SUPPLIED DATA:
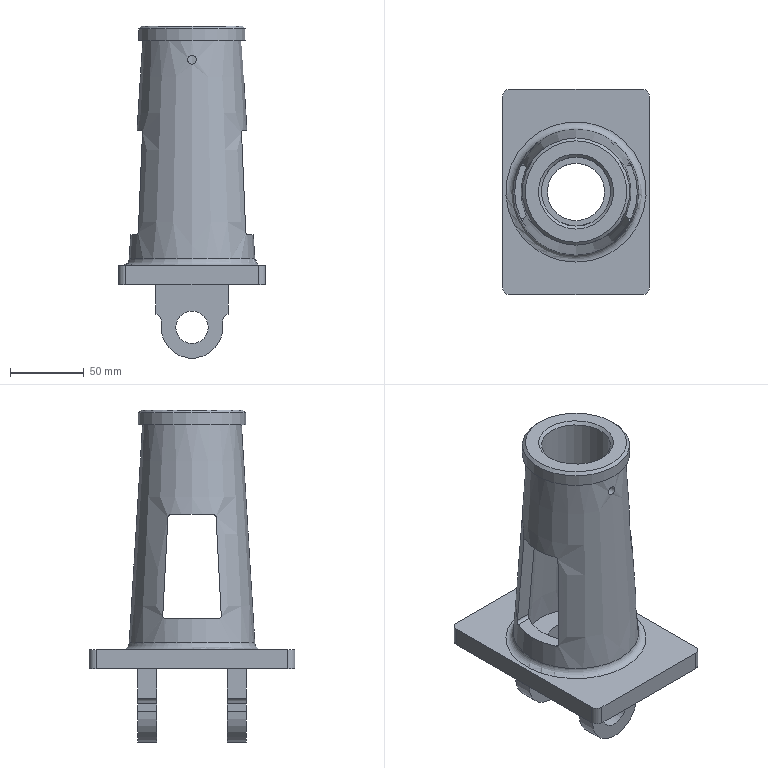Component | NX | MACHINEBODY | 1 solid | 59 faces | volume 497670 mm3 | plane 30 | cylinder 24 | cone 4 | torus 1 | commonest cylinder face diameters 4 x8 10 x4 8 x4 42 x2 22 x2 47 x1 73 x1 39 x1
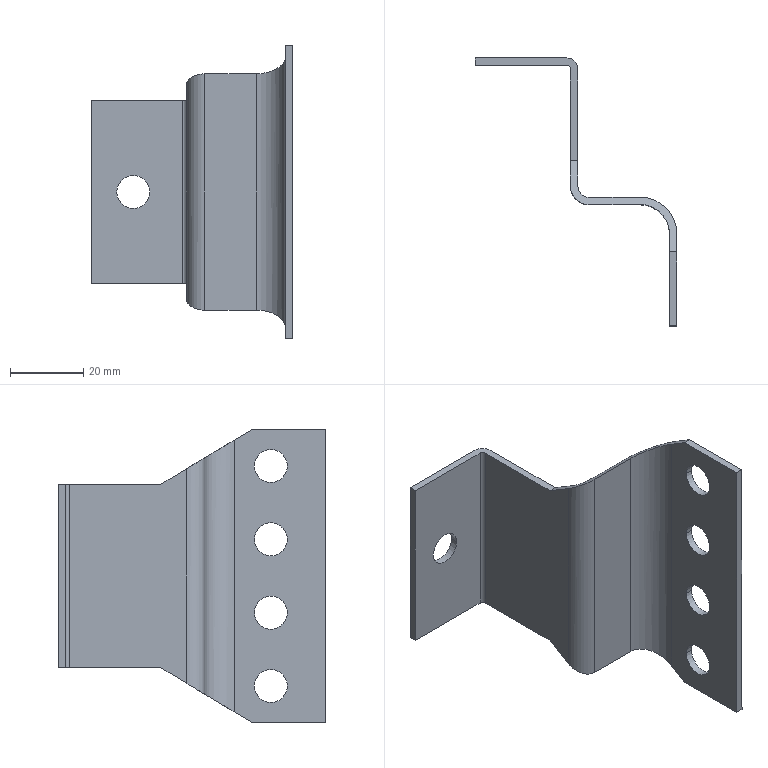Component | SolidWorks | 500CabinetWidthDoorCrossbeamAssembly-1_Connector-1 | 1 solid | 32 faces | box 55 x 73 x 80 mm | volume 13851 mm3 | cylinder 16 | plane 16 | commonest cylinder face diameters 9 x10 6 x2 20 x1 16 x1 10 x1 2 x1 | material Plain Carbon Steel
STEP:
#1=COLOUR_RGB('',0.7922,0.8196,0.9333);
#2=FILL_AREA_STYLE_COLOUR('',#1);
#3=FILL_AREA_STYLE('',(#2));
#4=SURFACE_STYLE_FILL_AREA(#3);
#5=SURFACE_SIDE_STYLE('',(#4));
#6=SURFACE_STYLE_USAGE(.BOTH.,#5);
#7=PRESENTATION_STYLE_ASSIGNMENT((#6));
#8=CARTESIAN_POINT('',(-49.801,4.761,85.05));
#9=VERTEX_POINT('',#8);
#10=CARTESIAN_POINT('',(-49.801,4.406,85.05));
#11=VERTEX_POINT('',#10);
#12=CARTESIAN_POINT('',(-49.801,4.583,85.05));
#13=DIRECTION('',(1.,0.,0.));
#14=DIRECTION('',(0.,-1.,0.));
#15=AXIS2_PLACEMENT_3D('',#12,#13,#14);
#16=CIRCLE('',#15,0.1772);
#17=EDGE_CURVE('',#9,#11,#16,.T.);
#18=ORIENTED_EDGE('',*,*,#17,.F.);
#19=CARTESIAN_POINT('',(-49.722,4.761,85.05));
#20=VERTEX_POINT('',#19);
#21=CARTESIAN_POINT('',(-52.872,4.761,85.05));
#22=DIRECTION('',(1.,-0.,0.));
#23=VECTOR('',#22,39.37);
#24=LINE('',#21,#23);
#25=EDGE_CURVE('',#9,#20,#24,.T.);
#26=ORIENTED_EDGE('',*,*,#25,.T.);
#27=CARTESIAN_POINT('',(-49.722,4.406,85.05));
#28=VERTEX_POINT('',#27);
#29=CARTESIAN_POINT('',(-49.722,4.583,85.05));
#30=DIRECTION('',(1.,-0.,0.));
#31=DIRECTION('',(0.,-1.,0.));
#32=AXIS2_PLACEMENT_3D('',#29,#30,#31);
#33=CIRCLE('',#32,0.1772);
#34=EDGE_CURVE('',#20,#28,#33,.T.);
#35=ORIENTED_EDGE('',*,*,#34,.T.);
#36=CARTESIAN_POINT('',(-52.872,4.406,85.05));
#37=DIRECTION('',(1.,-0.,0.));
#38=VECTOR('',#37,39.37);
#39=LINE('',#36,#38);
#40=EDGE_CURVE('',#11,#28,#39,.T.);
#41=ORIENTED_EDGE('',*,*,#40,.F.);
#42=EDGE_LOOP('',(#18,#26,#35,#41));
#43=FACE_OUTER_BOUND('',#42,.T.);
#44=CARTESIAN_POINT('',(-52.872,4.583,85.05));
#45=DIRECTION('',(1.,-0.,0.));
#46=DIRECTION('',(0.,-1.,0.));
#47=AXIS2_PLACEMENT_3D('',#44,#45,#46);
#48=CYLINDRICAL_SURFACE('',#47,0.1772);
#49=ADVANCED_FACE('',(#43),#48,.F.);
#50=CARTESIAN_POINT('',(-49.801,4.761,87.412));
#51=VERTEX_POINT('',#50);
#52=CARTESIAN_POINT('',(-49.801,4.406,87.412));
#53=VERTEX_POINT('',#52);
#54=CARTESIAN_POINT('',(-49.801,4.583,87.412));
#55=DIRECTION('',(1.,0.,0.));
#56=DIRECTION('',(0.,-1.,0.));
#57=AXIS2_PLACEMENT_3D('',#54,#55,#56);
#58=CIRCLE('',#57,0.1772);
#59=EDGE_CURVE('',#51,#53,#58,.T.);
#60=ORIENTED_EDGE('',*,*,#59,.F.);
#61=CARTESIAN_POINT('',(-49.722,4.761,87.412));
#62=VERTEX_POINT('',#61);
#63=CARTESIAN_POINT('',(-52.872,4.761,87.412));
#64=DIRECTION('',(1.,-0.,0.));
#65=VECTOR('',#64,39.37);
#66=LINE('',#63,#65);
#67=EDGE_CURVE('',#51,#62,#66,.T.);
#68=ORIENTED_EDGE('',*,*,#67,.T.);
#69=CARTESIAN_POINT('',(-49.722,4.406,87.412));
#70=VERTEX_POINT('',#69);
#71=CARTESIAN_POINT('',(-49.722,4.583,87.412));
#72=DIRECTION('',(1.,-0.,0.));
#73=DIRECTION('',(0.,-1.,0.));
#74=AXIS2_PLACEMENT_3D('',#71,#72,#73);
#75=CIRCLE('',#74,0.1772);
#76=EDGE_CURVE('',#62,#70,#75,.T.);
#77=ORIENTED_EDGE('',*,*,#76,.T.);
#78=CARTESIAN_POINT('',(-52.872,4.406,87.412));
#79=DIRECTION('',(1.,-0.,0.));
#80=VECTOR('',#79,39.37);
#81=LINE('',#78,#80);
#82=EDGE_CURVE('',#53,#70,#81,.T.);
#83=ORIENTED_EDGE('',*,*,#82,.F.);
#84=EDGE_LOOP('',(#60,#68,#77,#83));
#85=FACE_OUTER_BOUND('',#84,.T.);
#86=CARTESIAN_POINT('',(-52.872,4.583,87.412));
#87=DIRECTION('',(1.,-0.,0.));
#88=DIRECTION('',(0.,-1.,0.));
#89=AXIS2_PLACEMENT_3D('',#86,#87,#88);
#90=CYLINDRICAL_SURFACE('',#89,0.1772);
#91=ADVANCED_FACE('',(#85),#90,.F.);
#92=CARTESIAN_POINT('',(-49.801,4.761,86.625));
#93=VERTEX_POINT('',#92);
#94=CARTESIAN_POINT('',(-49.801,4.406,86.625));
#95=VERTEX_POINT('',#94);
#96=CARTESIAN_POINT('',(-49.801,4.583,86.625));
#97=DIRECTION('',(1.,0.,0.));
#98=DIRECTION('',(0.,-1.,0.));
#99=AXIS2_PLACEMENT_3D('',#96,#97,#98);
#100=CIRCLE('',#99,0.1772);
#101=EDGE_CURVE('',#93,#95,#100,.T.);
#102=ORIENTED_EDGE('',*,*,#101,.F.);
#103=CARTESIAN_POINT('',(-49.722,4.761,86.625));
#104=VERTEX_POINT('',#103);
#105=CARTESIAN_POINT('',(-52.872,4.761,86.625));
#106=DIRECTION('',(1.,-0.,0.));
#107=VECTOR('',#106,39.37);
#108=LINE('',#105,#107);
#109=EDGE_CURVE('',#93,#104,#108,.T.);
#110=ORIENTED_EDGE('',*,*,#109,.T.);
#111=CARTESIAN_POINT('',(-49.722,4.406,86.625));
#112=VERTEX_POINT('',#111);
#113=CARTESIAN_POINT('',(-49.722,4.583,86.625));
#114=DIRECTION('',(1.,-0.,0.));
#115=DIRECTION('',(0.,-1.,0.));
#116=AXIS2_PLACEMENT_3D('',#113,#114,#115);
#117=CIRCLE('',#116,0.1772);
#118=EDGE_CURVE('',#104,#112,#117,.T.);
#119=ORIENTED_EDGE('',*,*,#118,.T.);
#120=CARTESIAN_POINT('',(-52.872,4.406,86.625));
#121=DIRECTION('',(1.,-0.,0.));
#122=VECTOR('',#121,39.37);
#123=LINE('',#120,#122);
#124=EDGE_CURVE('',#95,#112,#123,.T.);
#125=ORIENTED_EDGE('',*,*,#124,.F.);
#126=EDGE_LOOP('',(#102,#110,#119,#125));
#127=FACE_OUTER_BOUND('',#126,.T.);
#128=CARTESIAN_POINT('',(-52.872,4.583,86.625));
#129=DIRECTION('',(1.,-0.,0.));
#130=DIRECTION('',(0.,-1.,0.));
#131=AXIS2_PLACEMENT_3D('',#128,#129,#130);
#132=CYLINDRICAL_SURFACE('',#131,0.1772);
#133=ADVANCED_FACE('',(#127),#132,.F.);
#134=CARTESIAN_POINT('',(-49.801,4.761,85.837));
#135=VERTEX_POINT('',#134);
#136=CARTESIAN_POINT('',(-49.801,4.406,85.837));
#137=VERTEX_POINT('',#136);
#138=CARTESIAN_POINT('',(-49.801,4.583,85.837));
#139=DIRECTION('',(1.,0.,0.));
#140=DIRECTION('',(0.,-1.,0.));
#141=AXIS2_PLACEMENT_3D('',#138,#139,#140);
#142=CIRCLE('',#141,0.1772);
#143=EDGE_CURVE('',#135,#137,#142,.T.);
#144=ORIENTED_EDGE('',*,*,#143,.F.);
#145=CARTESIAN_POINT('',(-49.722,4.761,85.837));
#146=VERTEX_POINT('',#145);
#147=CARTESIAN_POINT('',(-52.872,4.761,85.837));
#148=DIRECTION('',(1.,-0.,0.));
#149=VECTOR('',#148,39.37);
#150=LINE('',#147,#149);
#151=EDGE_CURVE('',#135,#146,#150,.T.);
#152=ORIENTED_EDGE('',*,*,#151,.T.);
#153=CARTESIAN_POINT('',(-49.722,4.406,85.837));
#154=VERTEX_POINT('',#153);
#155=CARTESIAN_POINT('',(-49.722,4.583,85.837));
#156=DIRECTION('',(1.,-0.,0.));
#157=DIRECTION('',(0.,-1.,0.));
#158=AXIS2_PLACEMENT_3D('',#155,#156,#157);
#159=CIRCLE('',#158,0.1772);
#160=EDGE_CURVE('',#146,#154,#159,.T.);
#161=ORIENTED_EDGE('',*,*,#160,.T.);
#162=CARTESIAN_POINT('',(-52.872,4.406,85.837));
#163=DIRECTION('',(1.,-0.,0.));
#164=VECTOR('',#163,39.37);
#165=LINE('',#162,#164);
#166=EDGE_CURVE('',#137,#154,#165,.T.);
#167=ORIENTED_EDGE('',*,*,#166,.F.);
#168=EDGE_LOOP('',(#144,#152,#161,#167));
#169=FACE_OUTER_BOUND('',#168,.T.);
#170=CARTESIAN_POINT('',(-52.872,4.583,85.837));
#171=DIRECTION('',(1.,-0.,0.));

PROMPT:
With the first line being the one containing "#109=EDGE_CURVE('',#93,#104,#108,.T.);" and the last line the one containing "#132=CYLINDRICAL_SURFACE('',#131,0.1772);", transcribe exactly the lines above that fall in that range.

WRITTEN SOLUTION:
#109=EDGE_CURVE('',#93,#104,#108,.T.);
#110=ORIENTED_EDGE('',*,*,#109,.T.);
#111=CARTESIAN_POINT('',(-49.722,4.406,86.625));
#112=VERTEX_POINT('',#111);
#113=CARTESIAN_POINT('',(-49.722,4.583,86.625));
#114=DIRECTION('',(1.,-0.,0.));
#115=DIRECTION('',(0.,-1.,0.));
#116=AXIS2_PLACEMENT_3D('',#113,#114,#115);
#117=CIRCLE('',#116,0.1772);
#118=EDGE_CURVE('',#104,#112,#117,.T.);
#119=ORIENTED_EDGE('',*,*,#118,.T.);
#120=CARTESIAN_POINT('',(-52.872,4.406,86.625));
#121=DIRECTION('',(1.,-0.,0.));
#122=VECTOR('',#121,39.37);
#123=LINE('',#120,#122);
#124=EDGE_CURVE('',#95,#112,#123,.T.);
#125=ORIENTED_EDGE('',*,*,#124,.F.);
#126=EDGE_LOOP('',(#102,#110,#119,#125));
#127=FACE_OUTER_BOUND('',#126,.T.);
#128=CARTESIAN_POINT('',(-52.872,4.583,86.625));
#129=DIRECTION('',(1.,-0.,0.));
#130=DIRECTION('',(0.,-1.,0.));
#131=AXIS2_PLACEMENT_3D('',#128,#129,#130);
#132=CYLINDRICAL_SURFACE('',#131,0.1772);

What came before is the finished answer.